─── Material supplied
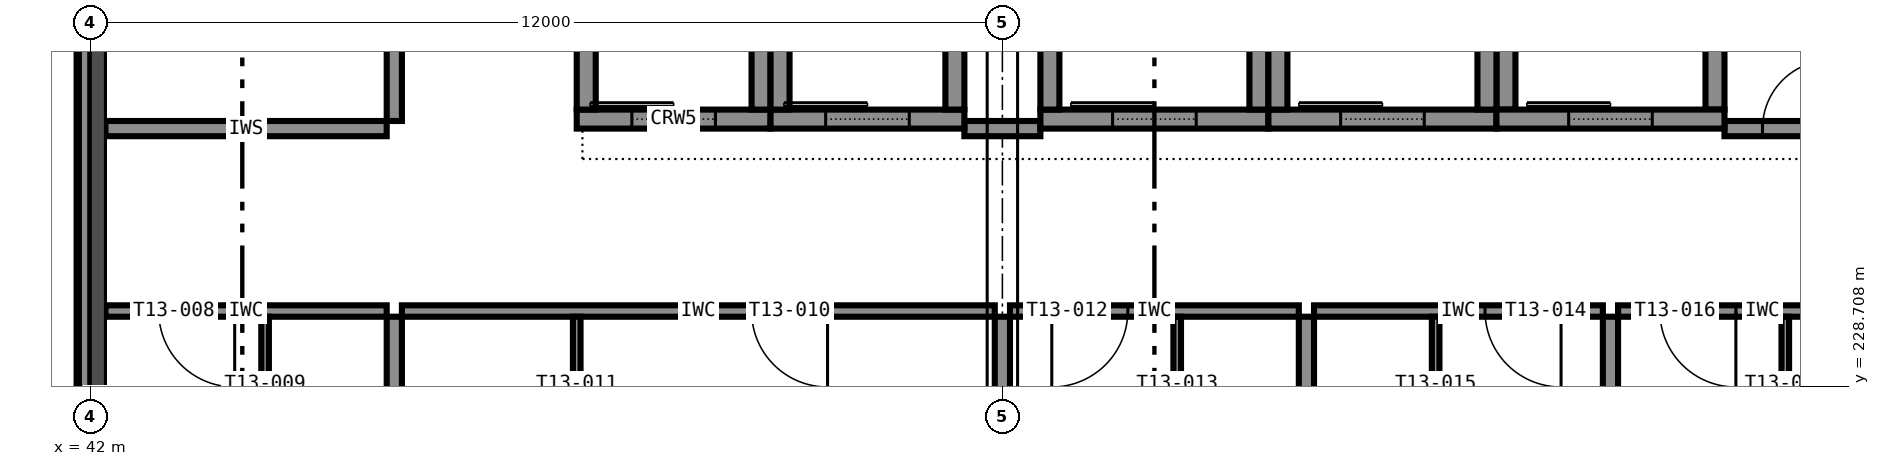
"""IFC4 building model, lengths in metres.
Left out: names, types, materials, properties, quantities, classifications, styles, units other than length and angle.
Written with IfcOpenShell. Run it as: python <this file> out.ifc"""

import sys

from ifc_helpers import new_model, si_unit, direction, frame, frame_2d, origin, place, context, subcontext, project, spatial, rectangle, extrude, element, fill, save


model = new_model("IFC4")
c1 = context("Model", 3, precision=1e-05, world=origin(), true_north=direction((0.0, 1.0)))
c2 = subcontext(c1, "Body", "Model", "MODEL_VIEW")
j1 = project(units=[si_unit("LENGTHUNIT", "METRE"), si_unit("PLANEANGLEUNIT", "RADIAN")], contexts=[c1])
p1 = place(None, origin())
s1 = spatial("IfcSite", under=j1, at=p1, CompositionType="ELEMENT")
p2 = place(p1, origin())
s2 = spatial("IfcBuilding", under=s1, at=p2, CompositionType="ELEMENT")
p3 = place(p2, frame((0.0, 0.0, 53.4)))
s3 = spatial("IfcBuildingStorey", under=s2, at=p3, CompositionType="ELEMENT", Elevation=53.4)
p4 = place(p3, frame((54.5, 232.225, 0.0), z_axis=(0.0, 0.0, 1.0), x_axis=(1.0, 0.0, 0.0)))
e1 = element("IfcWall", 1, at=p4, inside=s3, PredefinedType="SHEAR", context=c2, shape_type="SweptSolid", body=[
    extrude(rectangle(XDim=3.0, YDim=0.25, at=frame_2d((1.5, 0.0))), origin(), (0.0, 0.0, 1.0), 3.6),
])
p5 = place(p4, frame((0.95, 0.0, 0.0)))
e2 = element("IfcOpeningElement", 2, at=p5, cuts=e1, PredefinedType="OPENING", context=c2, shape_type="SweptSolid", body=[
    extrude(rectangle(XDim=1.1, YDim=2.1, at=frame_2d((0.55, 1.05))), frame((0.0, 0.135, 0.0), z_axis=(0.0, -1.0, 0.0), x_axis=(1.0, 0.0, 0.0)), (0.0, 0.0, 1.0), 0.27),
])
for number, where, z_axis, x_axis in (
    (3, (54.625, 232.35, 0.0), (0.0, 0.0, 1.0), (0.0, 1.0, 0.0)),
    (4, (57.375, 232.35, 0.0), (0.0, 0.0, 1.0), (0.0, 1.0, 0.0)),
):
    element("IfcWall", number, at=place(p3, frame(where, z_axis=z_axis, x_axis=x_axis)), inside=s3, PredefinedType="SHEAR", context=c2, shape_type="SweptSolid", body=[
        extrude(rectangle(XDim=3.3, YDim=0.25, at=frame_2d((1.65, 0.0))), origin(), (0.0, 0.0, 1.0), 3.6),
    ])
p6 = place(p3, frame((57.5, 232.225, 0.0), z_axis=(0.0, 0.0, 1.0), x_axis=(1.0, 0.0, 0.0)))
e5 = element("IfcWall", 5, at=p6, inside=s3, PredefinedType="SHEAR", context=c2, shape_type="SweptSolid", body=[
    extrude(rectangle(XDim=3.0, YDim=0.25, at=frame_2d((1.5, 0.0))), origin(), (0.0, 0.0, 1.0), 3.6),
])
p7 = place(p6, frame((0.95, 0.0, 0.0)))
e6 = element("IfcOpeningElement", 6, at=p7, cuts=e5, PredefinedType="OPENING", context=c2, shape_type="SweptSolid", body=[
    extrude(rectangle(XDim=1.1, YDim=2.1, at=frame_2d((0.55, 1.05))), frame((0.0, 0.135, 0.0), z_axis=(0.0, -1.0, 0.0), x_axis=(1.0, 0.0, 0.0)), (0.0, 0.0, 1.0), 0.27),
])
for number, where, z_axis, x_axis in (
    (7, (57.625, 232.35, 0.0), (0.0, 0.0, 1.0), (0.0, 1.0, 0.0)),
    (8, (60.375, 232.35, 0.0), (0.0, 0.0, 1.0), (0.0, 1.0, 0.0)),
):
    element("IfcWall", number, at=place(p3, frame(where, z_axis=z_axis, x_axis=x_axis)), inside=s3, PredefinedType="SHEAR", context=c2, shape_type="SweptSolid", body=[
        extrude(rectangle(XDim=3.3, YDim=0.25, at=frame_2d((1.65, 0.0))), origin(), (0.0, 0.0, 1.0), 3.6),
    ])
p8 = place(p3, frame((60.5, 232.225, 0.0), z_axis=(0.0, 0.0, 1.0), x_axis=(1.0, 0.0, 0.0)))
e9 = element("IfcWall", 9, at=p8, inside=s3, PredefinedType="SHEAR", context=c2, shape_type="SweptSolid", body=[
    extrude(rectangle(XDim=3.0, YDim=0.25, at=frame_2d((1.5, 0.0))), origin(), (0.0, 0.0, 1.0), 3.6),
])
p9 = place(p8, frame((0.95, 0.0, 0.0)))
e10 = element("IfcOpeningElement", 10, at=p9, cuts=e9, PredefinedType="OPENING", context=c2, shape_type="SweptSolid", body=[
    extrude(rectangle(XDim=1.1, YDim=2.1, at=frame_2d((0.55, 1.05))), frame((0.0, 0.135, 0.0), z_axis=(0.0, -1.0, 0.0), x_axis=(1.0, 0.0, 0.0)), (0.0, 0.0, 1.0), 0.27),
])
for number, where, z_axis, x_axis in (
    (11, (60.625, 232.35, 0.0), (0.0, 0.0, 1.0), (0.0, 1.0, 0.0)),
    (12, (63.375, 232.35, 0.0), (0.0, 0.0, 1.0), (0.0, 1.0, 0.0)),
):
    element("IfcWall", number, at=place(p3, frame(where, z_axis=z_axis, x_axis=x_axis)), inside=s3, PredefinedType="SHEAR", context=c2, shape_type="SweptSolid", body=[
        extrude(rectangle(XDim=3.3, YDim=0.25, at=frame_2d((1.65, 0.0))), origin(), (0.0, 0.0, 1.0), 3.6),
    ])
p10 = place(p3, frame((48.4, 232.225, 0.0), z_axis=(0.0, 0.0, 1.0), x_axis=(1.0, 0.0, 0.0)))
e13 = element("IfcWall", 13, at=p10, inside=s3, PredefinedType="SHEAR", context=c2, shape_type="SweptSolid", body=[
    extrude(rectangle(XDim=2.55, YDim=0.25, at=frame_2d((1.275, 0.0))), origin(), (0.0, 0.0, 1.0), 3.6),
])
p11 = place(p10, frame((0.725, 0.0, 0.0)))
e14 = element("IfcOpeningElement", 14, at=p11, cuts=e13, PredefinedType="OPENING", context=c2, shape_type="SweptSolid", body=[
    extrude(rectangle(XDim=1.1, YDim=2.1, at=frame_2d((0.55, 1.05))), frame((0.0, 0.135, 0.0), z_axis=(0.0, -1.0, 0.0), x_axis=(1.0, 0.0, 0.0)), (0.0, 0.0, 1.0), 0.27),
])
for number, where, z_axis, x_axis in (
    (15, (48.525, 232.35, 0.0), (0.0, 0.0, 1.0), (0.0, 1.0, 0.0)),
    (16, (50.825, 232.35, 0.0), (0.0, 0.0, 1.0), (0.0, 1.0, 0.0)),
):
    element("IfcWall", number, at=place(p3, frame(where, z_axis=z_axis, x_axis=x_axis)), inside=s3, PredefinedType="SHEAR", context=c2, shape_type="SweptSolid", body=[
        extrude(rectangle(XDim=3.3, YDim=0.25, at=frame_2d((1.65, 0.0))), origin(), (0.0, 0.0, 1.0), 3.6),
    ])
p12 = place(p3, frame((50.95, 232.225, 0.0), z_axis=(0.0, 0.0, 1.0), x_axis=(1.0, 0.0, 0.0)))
──────
> What to work on
Leaving aside the images, write out the entries above word for word.

> Written answer
"""IFC4 building model, lengths in metres.
Left out: names, types, materials, properties, quantities, classifications, styles, units other than length and angle.
Written with IfcOpenShell. Run it as: python <this file> out.ifc"""

import sys

from ifc_helpers import new_model, si_unit, direction, frame, frame_2d, origin, place, context, subcontext, project, spatial, rectangle, extrude, element, fill, save


model = new_model("IFC4")
c1 = context("Model", 3, precision=1e-05, world=origin(), true_north=direction((0.0, 1.0)))
c2 = subcontext(c1, "Body", "Model", "MODEL_VIEW")
j1 = project(units=[si_unit("LENGTHUNIT", "METRE"), si_unit("PLANEANGLEUNIT", "RADIAN")], contexts=[c1])
p1 = place(None, origin())
s1 = spatial("IfcSite", under=j1, at=p1, CompositionType="ELEMENT")
p2 = place(p1, origin())
s2 = spatial("IfcBuilding", under=s1, at=p2, CompositionType="ELEMENT")
p3 = place(p2, frame((0.0, 0.0, 53.4)))
s3 = spatial("IfcBuildingStorey", under=s2, at=p3, CompositionType="ELEMENT", Elevation=53.4)
p4 = place(p3, frame((54.5, 232.225, 0.0), z_axis=(0.0, 0.0, 1.0), x_axis=(1.0, 0.0, 0.0)))
e1 = element("IfcWall", 1, at=p4, inside=s3, PredefinedType="SHEAR", context=c2, shape_type="SweptSolid", body=[
    extrude(rectangle(XDim=3.0, YDim=0.25, at=frame_2d((1.5, 0.0))), origin(), (0.0, 0.0, 1.0), 3.6),
])
p5 = place(p4, frame((0.95, 0.0, 0.0)))
e2 = element("IfcOpeningElement", 2, at=p5, cuts=e1, PredefinedType="OPENING", context=c2, shape_type="SweptSolid", body=[
    extrude(rectangle(XDim=1.1, YDim=2.1, at=frame_2d((0.55, 1.05))), frame((0.0, 0.135, 0.0), z_axis=(0.0, -1.0, 0.0), x_axis=(1.0, 0.0, 0.0)), (0.0, 0.0, 1.0), 0.27),
])
for number, where, z_axis, x_axis in (
    (3, (54.625, 232.35, 0.0), (0.0, 0.0, 1.0), (0.0, 1.0, 0.0)),
    (4, (57.375, 232.35, 0.0), (0.0, 0.0, 1.0), (0.0, 1.0, 0.0)),
):
    element("IfcWall", number, at=place(p3, frame(where, z_axis=z_axis, x_axis=x_axis)), inside=s3, PredefinedType="SHEAR", context=c2, shape_type="SweptSolid", body=[
        extrude(rectangle(XDim=3.3, YDim=0.25, at=frame_2d((1.65, 0.0))), origin(), (0.0, 0.0, 1.0), 3.6),
    ])
p6 = place(p3, frame((57.5, 232.225, 0.0), z_axis=(0.0, 0.0, 1.0), x_axis=(1.0, 0.0, 0.0)))
e5 = element("IfcWall", 5, at=p6, inside=s3, PredefinedType="SHEAR", context=c2, shape_type="SweptSolid", body=[
    extrude(rectangle(XDim=3.0, YDim=0.25, at=frame_2d((1.5, 0.0))), origin(), (0.0, 0.0, 1.0), 3.6),
])
p7 = place(p6, frame((0.95, 0.0, 0.0)))
e6 = element("IfcOpeningElement", 6, at=p7, cuts=e5, PredefinedType="OPENING", context=c2, shape_type="SweptSolid", body=[
    extrude(rectangle(XDim=1.1, YDim=2.1, at=frame_2d((0.55, 1.05))), frame((0.0, 0.135, 0.0), z_axis=(0.0, -1.0, 0.0), x_axis=(1.0, 0.0, 0.0)), (0.0, 0.0, 1.0), 0.27),
])
for number, where, z_axis, x_axis in (
    (7, (57.625, 232.35, 0.0), (0.0, 0.0, 1.0), (0.0, 1.0, 0.0)),
    (8, (60.375, 232.35, 0.0), (0.0, 0.0, 1.0), (0.0, 1.0, 0.0)),
):
    element("IfcWall", number, at=place(p3, frame(where, z_axis=z_axis, x_axis=x_axis)), inside=s3, PredefinedType="SHEAR", context=c2, shape_type="SweptSolid", body=[
        extrude(rectangle(XDim=3.3, YDim=0.25, at=frame_2d((1.65, 0.0))), origin(), (0.0, 0.0, 1.0), 3.6),
    ])
p8 = place(p3, frame((60.5, 232.225, 0.0), z_axis=(0.0, 0.0, 1.0), x_axis=(1.0, 0.0, 0.0)))
e9 = element("IfcWall", 9, at=p8, inside=s3, PredefinedType="SHEAR", context=c2, shape_type="SweptSolid", body=[
    extrude(rectangle(XDim=3.0, YDim=0.25, at=frame_2d((1.5, 0.0))), origin(), (0.0, 0.0, 1.0), 3.6),
])
p9 = place(p8, frame((0.95, 0.0, 0.0)))
e10 = element("IfcOpeningElement", 10, at=p9, cuts=e9, PredefinedType="OPENING", context=c2, shape_type="SweptSolid", body=[
    extrude(rectangle(XDim=1.1, YDim=2.1, at=frame_2d((0.55, 1.05))), frame((0.0, 0.135, 0.0), z_axis=(0.0, -1.0, 0.0), x_axis=(1.0, 0.0, 0.0)), (0.0, 0.0, 1.0), 0.27),
])
for number, where, z_axis, x_axis in (
    (11, (60.625, 232.35, 0.0), (0.0, 0.0, 1.0), (0.0, 1.0, 0.0)),
    (12, (63.375, 232.35, 0.0), (0.0, 0.0, 1.0), (0.0, 1.0, 0.0)),
):
    element("IfcWall", number, at=place(p3, frame(where, z_axis=z_axis, x_axis=x_axis)), inside=s3, PredefinedType="SHEAR", context=c2, shape_type="SweptSolid", body=[
        extrude(rectangle(XDim=3.3, YDim=0.25, at=frame_2d((1.65, 0.0))), origin(), (0.0, 0.0, 1.0), 3.6),
    ])
p10 = place(p3, frame((48.4, 232.225, 0.0), z_axis=(0.0, 0.0, 1.0), x_axis=(1.0, 0.0, 0.0)))
e13 = element("IfcWall", 13, at=p10, inside=s3, PredefinedType="SHEAR", context=c2, shape_type="SweptSolid", body=[
    extrude(rectangle(XDim=2.55, YDim=0.25, at=frame_2d((1.275, 0.0))), origin(), (0.0, 0.0, 1.0), 3.6),
])
p11 = place(p10, frame((0.725, 0.0, 0.0)))
e14 = element("IfcOpeningElement", 14, at=p11, cuts=e13, PredefinedType="OPENING", context=c2, shape_type="SweptSolid", body=[
    extrude(rectangle(XDim=1.1, YDim=2.1, at=frame_2d((0.55, 1.05))), frame((0.0, 0.135, 0.0), z_axis=(0.0, -1.0, 0.0), x_axis=(1.0, 0.0, 0.0)), (0.0, 0.0, 1.0), 0.27),
])
for number, where, z_axis, x_axis in (
    (15, (48.525, 232.35, 0.0), (0.0, 0.0, 1.0), (0.0, 1.0, 0.0)),
    (16, (50.825, 232.35, 0.0), (0.0, 0.0, 1.0), (0.0, 1.0, 0.0)),
):
    element("IfcWall", number, at=place(p3, frame(where, z_axis=z_axis, x_axis=x_axis)), inside=s3, PredefinedType="SHEAR", context=c2, shape_type="SweptSolid", body=[
        extrude(rectangle(XDim=3.3, YDim=0.25, at=frame_2d((1.65, 0.0))), origin(), (0.0, 0.0, 1.0), 3.6),
    ])
p12 = place(p3, frame((50.95, 232.225, 0.0), z_axis=(0.0, 0.0, 1.0), x_axis=(1.0, 0.0, 0.0)))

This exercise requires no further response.